--- Data in this exercise Enclosed Below ---
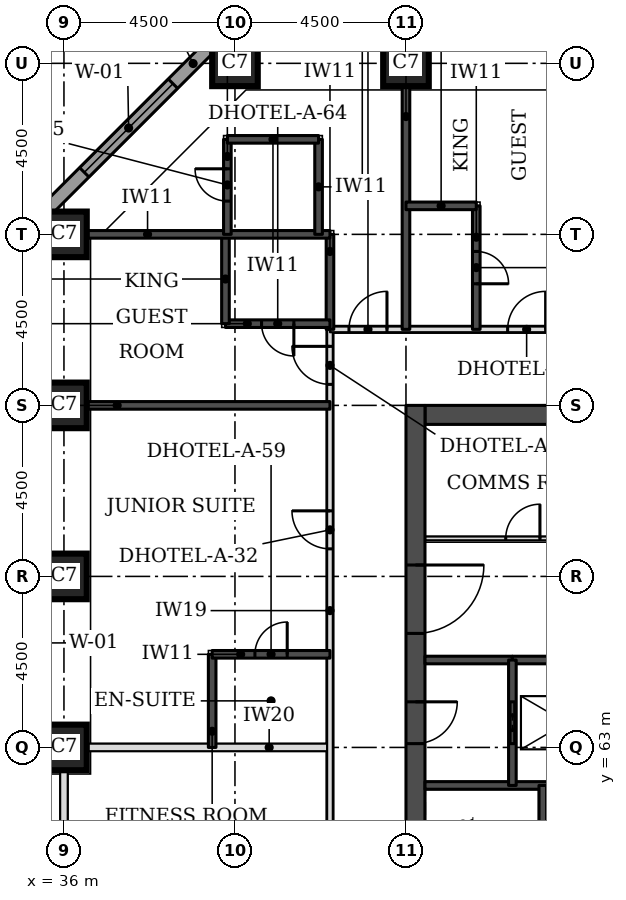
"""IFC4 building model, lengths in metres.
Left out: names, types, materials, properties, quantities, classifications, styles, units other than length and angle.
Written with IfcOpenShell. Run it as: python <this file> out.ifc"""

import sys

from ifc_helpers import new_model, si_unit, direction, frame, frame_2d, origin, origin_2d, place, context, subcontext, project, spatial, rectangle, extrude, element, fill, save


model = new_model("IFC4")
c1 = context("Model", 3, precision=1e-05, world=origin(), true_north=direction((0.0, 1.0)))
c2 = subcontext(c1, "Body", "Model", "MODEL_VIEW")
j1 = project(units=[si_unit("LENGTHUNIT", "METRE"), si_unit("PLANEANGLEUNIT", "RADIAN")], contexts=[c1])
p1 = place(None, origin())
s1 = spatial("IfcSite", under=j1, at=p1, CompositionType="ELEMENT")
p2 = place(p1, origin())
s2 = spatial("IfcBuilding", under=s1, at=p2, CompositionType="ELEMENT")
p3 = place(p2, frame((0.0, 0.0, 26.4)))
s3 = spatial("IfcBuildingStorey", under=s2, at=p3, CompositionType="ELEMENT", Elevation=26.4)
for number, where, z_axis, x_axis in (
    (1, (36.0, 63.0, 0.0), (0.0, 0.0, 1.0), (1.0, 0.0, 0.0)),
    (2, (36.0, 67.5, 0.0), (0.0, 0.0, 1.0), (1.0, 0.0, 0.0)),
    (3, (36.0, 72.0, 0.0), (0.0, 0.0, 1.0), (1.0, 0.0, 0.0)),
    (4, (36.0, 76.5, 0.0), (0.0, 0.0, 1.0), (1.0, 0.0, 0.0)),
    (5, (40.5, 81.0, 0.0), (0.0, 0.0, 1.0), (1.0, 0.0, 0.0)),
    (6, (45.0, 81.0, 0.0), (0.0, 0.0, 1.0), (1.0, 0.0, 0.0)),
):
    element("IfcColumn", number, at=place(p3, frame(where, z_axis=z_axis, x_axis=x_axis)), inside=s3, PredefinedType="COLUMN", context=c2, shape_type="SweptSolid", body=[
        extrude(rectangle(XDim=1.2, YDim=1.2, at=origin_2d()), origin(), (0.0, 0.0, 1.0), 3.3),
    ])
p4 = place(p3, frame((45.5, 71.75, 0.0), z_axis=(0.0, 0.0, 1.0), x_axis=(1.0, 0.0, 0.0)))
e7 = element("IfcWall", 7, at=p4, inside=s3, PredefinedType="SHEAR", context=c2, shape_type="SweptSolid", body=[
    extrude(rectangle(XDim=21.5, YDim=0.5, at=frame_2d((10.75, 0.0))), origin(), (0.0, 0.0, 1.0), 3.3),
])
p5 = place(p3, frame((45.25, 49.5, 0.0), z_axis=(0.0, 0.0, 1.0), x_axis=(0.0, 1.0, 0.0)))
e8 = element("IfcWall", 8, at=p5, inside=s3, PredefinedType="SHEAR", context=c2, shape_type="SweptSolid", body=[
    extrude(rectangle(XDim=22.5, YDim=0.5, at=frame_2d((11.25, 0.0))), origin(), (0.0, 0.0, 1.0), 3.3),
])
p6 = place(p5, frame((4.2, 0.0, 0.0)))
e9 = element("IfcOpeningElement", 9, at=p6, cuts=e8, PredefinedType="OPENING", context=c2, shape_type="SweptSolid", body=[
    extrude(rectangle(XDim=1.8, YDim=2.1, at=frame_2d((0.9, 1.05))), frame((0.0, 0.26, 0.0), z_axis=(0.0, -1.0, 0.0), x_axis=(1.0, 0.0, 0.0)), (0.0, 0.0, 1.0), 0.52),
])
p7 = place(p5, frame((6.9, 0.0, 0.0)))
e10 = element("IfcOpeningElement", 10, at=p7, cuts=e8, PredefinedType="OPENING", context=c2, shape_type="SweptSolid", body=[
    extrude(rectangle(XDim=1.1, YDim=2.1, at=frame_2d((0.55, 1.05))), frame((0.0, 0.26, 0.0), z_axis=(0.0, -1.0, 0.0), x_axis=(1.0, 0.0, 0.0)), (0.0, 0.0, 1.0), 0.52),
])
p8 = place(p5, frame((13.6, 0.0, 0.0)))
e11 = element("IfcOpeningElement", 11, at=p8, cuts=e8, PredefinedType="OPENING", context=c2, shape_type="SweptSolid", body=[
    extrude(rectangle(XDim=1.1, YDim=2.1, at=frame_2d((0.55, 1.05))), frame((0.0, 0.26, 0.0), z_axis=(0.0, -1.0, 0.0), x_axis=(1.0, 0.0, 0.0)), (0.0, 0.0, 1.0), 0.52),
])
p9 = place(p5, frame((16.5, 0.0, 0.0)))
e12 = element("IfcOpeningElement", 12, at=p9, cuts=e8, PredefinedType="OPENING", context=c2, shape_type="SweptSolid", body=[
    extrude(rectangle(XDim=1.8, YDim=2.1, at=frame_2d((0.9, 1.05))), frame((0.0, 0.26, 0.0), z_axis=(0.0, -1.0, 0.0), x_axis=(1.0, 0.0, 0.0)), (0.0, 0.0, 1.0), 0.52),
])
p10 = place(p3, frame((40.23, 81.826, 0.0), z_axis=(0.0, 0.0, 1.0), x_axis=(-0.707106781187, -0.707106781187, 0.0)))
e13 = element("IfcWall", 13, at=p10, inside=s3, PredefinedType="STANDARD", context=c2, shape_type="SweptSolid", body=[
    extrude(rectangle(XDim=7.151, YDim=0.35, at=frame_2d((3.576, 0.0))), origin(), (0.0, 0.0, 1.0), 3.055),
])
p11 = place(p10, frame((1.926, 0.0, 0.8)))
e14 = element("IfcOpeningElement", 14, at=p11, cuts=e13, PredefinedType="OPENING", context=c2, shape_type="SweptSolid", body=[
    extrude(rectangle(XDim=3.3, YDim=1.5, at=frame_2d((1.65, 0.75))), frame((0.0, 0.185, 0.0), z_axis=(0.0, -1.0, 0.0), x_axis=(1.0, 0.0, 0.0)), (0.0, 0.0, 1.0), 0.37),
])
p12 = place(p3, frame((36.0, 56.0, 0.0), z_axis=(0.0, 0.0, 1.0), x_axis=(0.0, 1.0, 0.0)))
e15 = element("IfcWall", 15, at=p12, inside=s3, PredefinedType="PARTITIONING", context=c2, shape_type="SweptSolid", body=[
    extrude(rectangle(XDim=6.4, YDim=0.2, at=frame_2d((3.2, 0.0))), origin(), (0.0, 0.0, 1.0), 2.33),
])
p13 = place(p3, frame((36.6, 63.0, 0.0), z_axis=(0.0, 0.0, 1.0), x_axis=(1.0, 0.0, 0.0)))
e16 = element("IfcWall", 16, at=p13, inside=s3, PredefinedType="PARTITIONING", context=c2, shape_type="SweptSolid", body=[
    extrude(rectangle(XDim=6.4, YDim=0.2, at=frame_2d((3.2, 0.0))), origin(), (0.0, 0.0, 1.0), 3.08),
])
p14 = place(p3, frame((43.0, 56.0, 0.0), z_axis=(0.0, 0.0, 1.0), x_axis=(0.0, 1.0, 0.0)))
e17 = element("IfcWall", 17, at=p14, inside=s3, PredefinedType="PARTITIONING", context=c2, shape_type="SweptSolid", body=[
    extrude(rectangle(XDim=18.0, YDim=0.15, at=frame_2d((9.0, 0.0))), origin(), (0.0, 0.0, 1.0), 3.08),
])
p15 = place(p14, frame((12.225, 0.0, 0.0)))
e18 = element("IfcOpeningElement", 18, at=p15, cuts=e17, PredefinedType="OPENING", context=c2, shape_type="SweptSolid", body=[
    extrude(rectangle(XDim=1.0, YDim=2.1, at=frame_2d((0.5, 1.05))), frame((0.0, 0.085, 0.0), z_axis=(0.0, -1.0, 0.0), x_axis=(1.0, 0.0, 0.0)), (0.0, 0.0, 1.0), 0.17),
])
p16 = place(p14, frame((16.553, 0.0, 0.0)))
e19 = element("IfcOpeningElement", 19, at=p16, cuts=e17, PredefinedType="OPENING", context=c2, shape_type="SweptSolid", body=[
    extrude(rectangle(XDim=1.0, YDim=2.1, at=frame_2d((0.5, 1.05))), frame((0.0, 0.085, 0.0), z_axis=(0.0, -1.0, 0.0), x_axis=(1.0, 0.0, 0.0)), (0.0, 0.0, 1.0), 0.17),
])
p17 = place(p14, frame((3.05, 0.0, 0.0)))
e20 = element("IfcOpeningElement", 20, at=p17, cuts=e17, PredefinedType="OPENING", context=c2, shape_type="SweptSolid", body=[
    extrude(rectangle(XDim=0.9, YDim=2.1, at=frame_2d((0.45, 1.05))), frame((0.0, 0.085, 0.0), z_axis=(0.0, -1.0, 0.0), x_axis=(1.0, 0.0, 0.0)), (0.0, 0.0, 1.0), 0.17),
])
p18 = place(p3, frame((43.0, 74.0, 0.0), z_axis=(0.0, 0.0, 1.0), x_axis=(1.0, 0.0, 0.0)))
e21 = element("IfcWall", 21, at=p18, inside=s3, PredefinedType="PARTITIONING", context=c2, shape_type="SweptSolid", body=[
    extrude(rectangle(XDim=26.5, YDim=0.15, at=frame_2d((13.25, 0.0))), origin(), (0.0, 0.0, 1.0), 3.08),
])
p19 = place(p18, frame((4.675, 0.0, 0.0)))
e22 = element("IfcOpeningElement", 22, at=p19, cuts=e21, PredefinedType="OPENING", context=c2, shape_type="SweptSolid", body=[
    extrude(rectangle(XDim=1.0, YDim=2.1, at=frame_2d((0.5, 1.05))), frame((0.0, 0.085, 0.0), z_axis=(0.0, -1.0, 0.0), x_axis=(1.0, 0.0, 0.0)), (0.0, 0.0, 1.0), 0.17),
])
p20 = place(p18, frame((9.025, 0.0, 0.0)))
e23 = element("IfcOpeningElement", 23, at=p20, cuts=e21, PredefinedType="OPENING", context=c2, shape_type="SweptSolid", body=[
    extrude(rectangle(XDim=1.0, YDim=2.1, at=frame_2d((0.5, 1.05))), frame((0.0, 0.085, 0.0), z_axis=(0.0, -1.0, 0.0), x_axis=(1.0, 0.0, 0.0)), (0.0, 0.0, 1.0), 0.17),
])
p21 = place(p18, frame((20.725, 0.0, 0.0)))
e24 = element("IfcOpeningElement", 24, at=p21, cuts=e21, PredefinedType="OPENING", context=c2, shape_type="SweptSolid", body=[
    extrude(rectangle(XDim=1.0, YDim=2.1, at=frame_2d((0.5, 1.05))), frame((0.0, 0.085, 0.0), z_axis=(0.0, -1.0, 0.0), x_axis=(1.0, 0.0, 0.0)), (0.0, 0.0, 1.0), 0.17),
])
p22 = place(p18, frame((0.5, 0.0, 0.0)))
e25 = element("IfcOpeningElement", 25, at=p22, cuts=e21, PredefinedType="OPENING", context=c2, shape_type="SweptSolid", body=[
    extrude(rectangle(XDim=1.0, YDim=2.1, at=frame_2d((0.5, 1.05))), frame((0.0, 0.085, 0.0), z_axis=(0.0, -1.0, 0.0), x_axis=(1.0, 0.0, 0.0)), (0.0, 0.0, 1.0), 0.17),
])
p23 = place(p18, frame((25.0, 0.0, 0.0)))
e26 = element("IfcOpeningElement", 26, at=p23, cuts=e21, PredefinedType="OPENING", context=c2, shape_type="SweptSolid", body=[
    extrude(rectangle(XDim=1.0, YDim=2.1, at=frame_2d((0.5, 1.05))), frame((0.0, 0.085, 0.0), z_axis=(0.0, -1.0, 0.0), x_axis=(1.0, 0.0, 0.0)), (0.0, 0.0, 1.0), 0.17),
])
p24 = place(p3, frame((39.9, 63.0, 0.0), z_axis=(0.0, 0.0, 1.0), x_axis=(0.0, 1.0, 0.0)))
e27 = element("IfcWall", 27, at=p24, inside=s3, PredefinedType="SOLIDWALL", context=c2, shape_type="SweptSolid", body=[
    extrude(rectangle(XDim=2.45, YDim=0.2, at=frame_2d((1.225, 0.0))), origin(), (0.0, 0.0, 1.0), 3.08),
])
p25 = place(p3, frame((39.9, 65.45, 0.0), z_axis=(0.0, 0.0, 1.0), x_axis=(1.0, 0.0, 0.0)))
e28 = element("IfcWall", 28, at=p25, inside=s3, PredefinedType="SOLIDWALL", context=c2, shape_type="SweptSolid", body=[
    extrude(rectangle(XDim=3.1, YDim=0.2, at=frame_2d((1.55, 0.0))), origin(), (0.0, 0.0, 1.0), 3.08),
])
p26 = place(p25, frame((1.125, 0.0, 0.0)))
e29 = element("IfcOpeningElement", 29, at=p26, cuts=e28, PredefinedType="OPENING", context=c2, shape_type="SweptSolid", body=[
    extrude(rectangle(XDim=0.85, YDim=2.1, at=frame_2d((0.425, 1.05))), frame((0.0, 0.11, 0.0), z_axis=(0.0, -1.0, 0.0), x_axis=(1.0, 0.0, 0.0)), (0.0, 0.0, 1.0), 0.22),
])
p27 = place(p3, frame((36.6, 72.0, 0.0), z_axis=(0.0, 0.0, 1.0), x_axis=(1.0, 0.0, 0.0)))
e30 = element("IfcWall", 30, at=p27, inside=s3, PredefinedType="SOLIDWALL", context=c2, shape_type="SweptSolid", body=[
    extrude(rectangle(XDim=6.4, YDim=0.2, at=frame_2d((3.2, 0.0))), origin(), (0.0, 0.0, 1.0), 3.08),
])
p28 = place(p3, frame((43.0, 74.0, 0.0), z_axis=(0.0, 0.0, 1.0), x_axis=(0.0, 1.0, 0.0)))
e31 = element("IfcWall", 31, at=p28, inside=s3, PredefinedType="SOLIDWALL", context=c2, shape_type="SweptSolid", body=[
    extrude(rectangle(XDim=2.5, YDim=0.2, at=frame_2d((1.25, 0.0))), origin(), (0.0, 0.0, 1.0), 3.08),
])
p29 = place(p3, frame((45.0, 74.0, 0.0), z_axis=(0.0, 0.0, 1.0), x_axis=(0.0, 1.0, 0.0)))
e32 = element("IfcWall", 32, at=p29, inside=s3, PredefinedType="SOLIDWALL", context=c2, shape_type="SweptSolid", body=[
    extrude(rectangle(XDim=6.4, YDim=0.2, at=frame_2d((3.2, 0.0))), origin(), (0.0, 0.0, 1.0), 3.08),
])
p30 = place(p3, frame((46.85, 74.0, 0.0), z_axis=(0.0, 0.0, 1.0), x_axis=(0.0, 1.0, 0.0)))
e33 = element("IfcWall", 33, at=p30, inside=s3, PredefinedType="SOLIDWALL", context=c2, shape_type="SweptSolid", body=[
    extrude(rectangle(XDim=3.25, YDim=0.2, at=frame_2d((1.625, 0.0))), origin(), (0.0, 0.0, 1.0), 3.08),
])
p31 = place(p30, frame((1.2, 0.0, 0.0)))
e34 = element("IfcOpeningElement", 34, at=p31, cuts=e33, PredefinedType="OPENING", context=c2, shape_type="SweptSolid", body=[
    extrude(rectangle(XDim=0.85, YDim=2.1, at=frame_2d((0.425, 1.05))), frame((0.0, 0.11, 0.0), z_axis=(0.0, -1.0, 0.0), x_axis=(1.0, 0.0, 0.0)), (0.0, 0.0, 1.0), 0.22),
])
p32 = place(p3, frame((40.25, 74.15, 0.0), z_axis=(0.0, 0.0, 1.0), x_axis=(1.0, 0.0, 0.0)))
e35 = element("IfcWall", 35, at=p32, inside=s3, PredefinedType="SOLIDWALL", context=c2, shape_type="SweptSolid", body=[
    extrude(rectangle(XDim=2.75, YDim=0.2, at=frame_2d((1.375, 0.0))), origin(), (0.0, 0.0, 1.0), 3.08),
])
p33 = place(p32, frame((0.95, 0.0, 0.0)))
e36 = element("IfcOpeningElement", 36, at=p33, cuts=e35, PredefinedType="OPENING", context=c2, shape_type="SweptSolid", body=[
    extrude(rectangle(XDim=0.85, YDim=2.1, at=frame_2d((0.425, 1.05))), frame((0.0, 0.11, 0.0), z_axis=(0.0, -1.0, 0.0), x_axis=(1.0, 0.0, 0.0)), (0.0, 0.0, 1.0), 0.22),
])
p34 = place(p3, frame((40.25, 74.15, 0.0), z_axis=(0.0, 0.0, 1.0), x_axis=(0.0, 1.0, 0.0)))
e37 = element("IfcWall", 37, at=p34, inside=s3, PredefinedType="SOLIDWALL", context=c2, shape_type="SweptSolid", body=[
--- End of Enclosed Data in this exercise ---
#### About this exercise
What you give back should be exactly the lines of the entries above from the one containing "74.15, 0.0), z_axis=(0.0, 0.0, 1.0), x_axis=(0.0, 1.0, 0.0)))" to the end, and nothing more.

#### Response
p34 = place(p3, frame((40.25, 74.15, 0.0), z_axis=(0.0, 0.0, 1.0), x_axis=(0.0, 1.0, 0.0)))
e37 = element("IfcWall", 37, at=p34, inside=s3, PredefinedType="SOLIDWALL", context=c2, shape_type="SweptSolid", body=[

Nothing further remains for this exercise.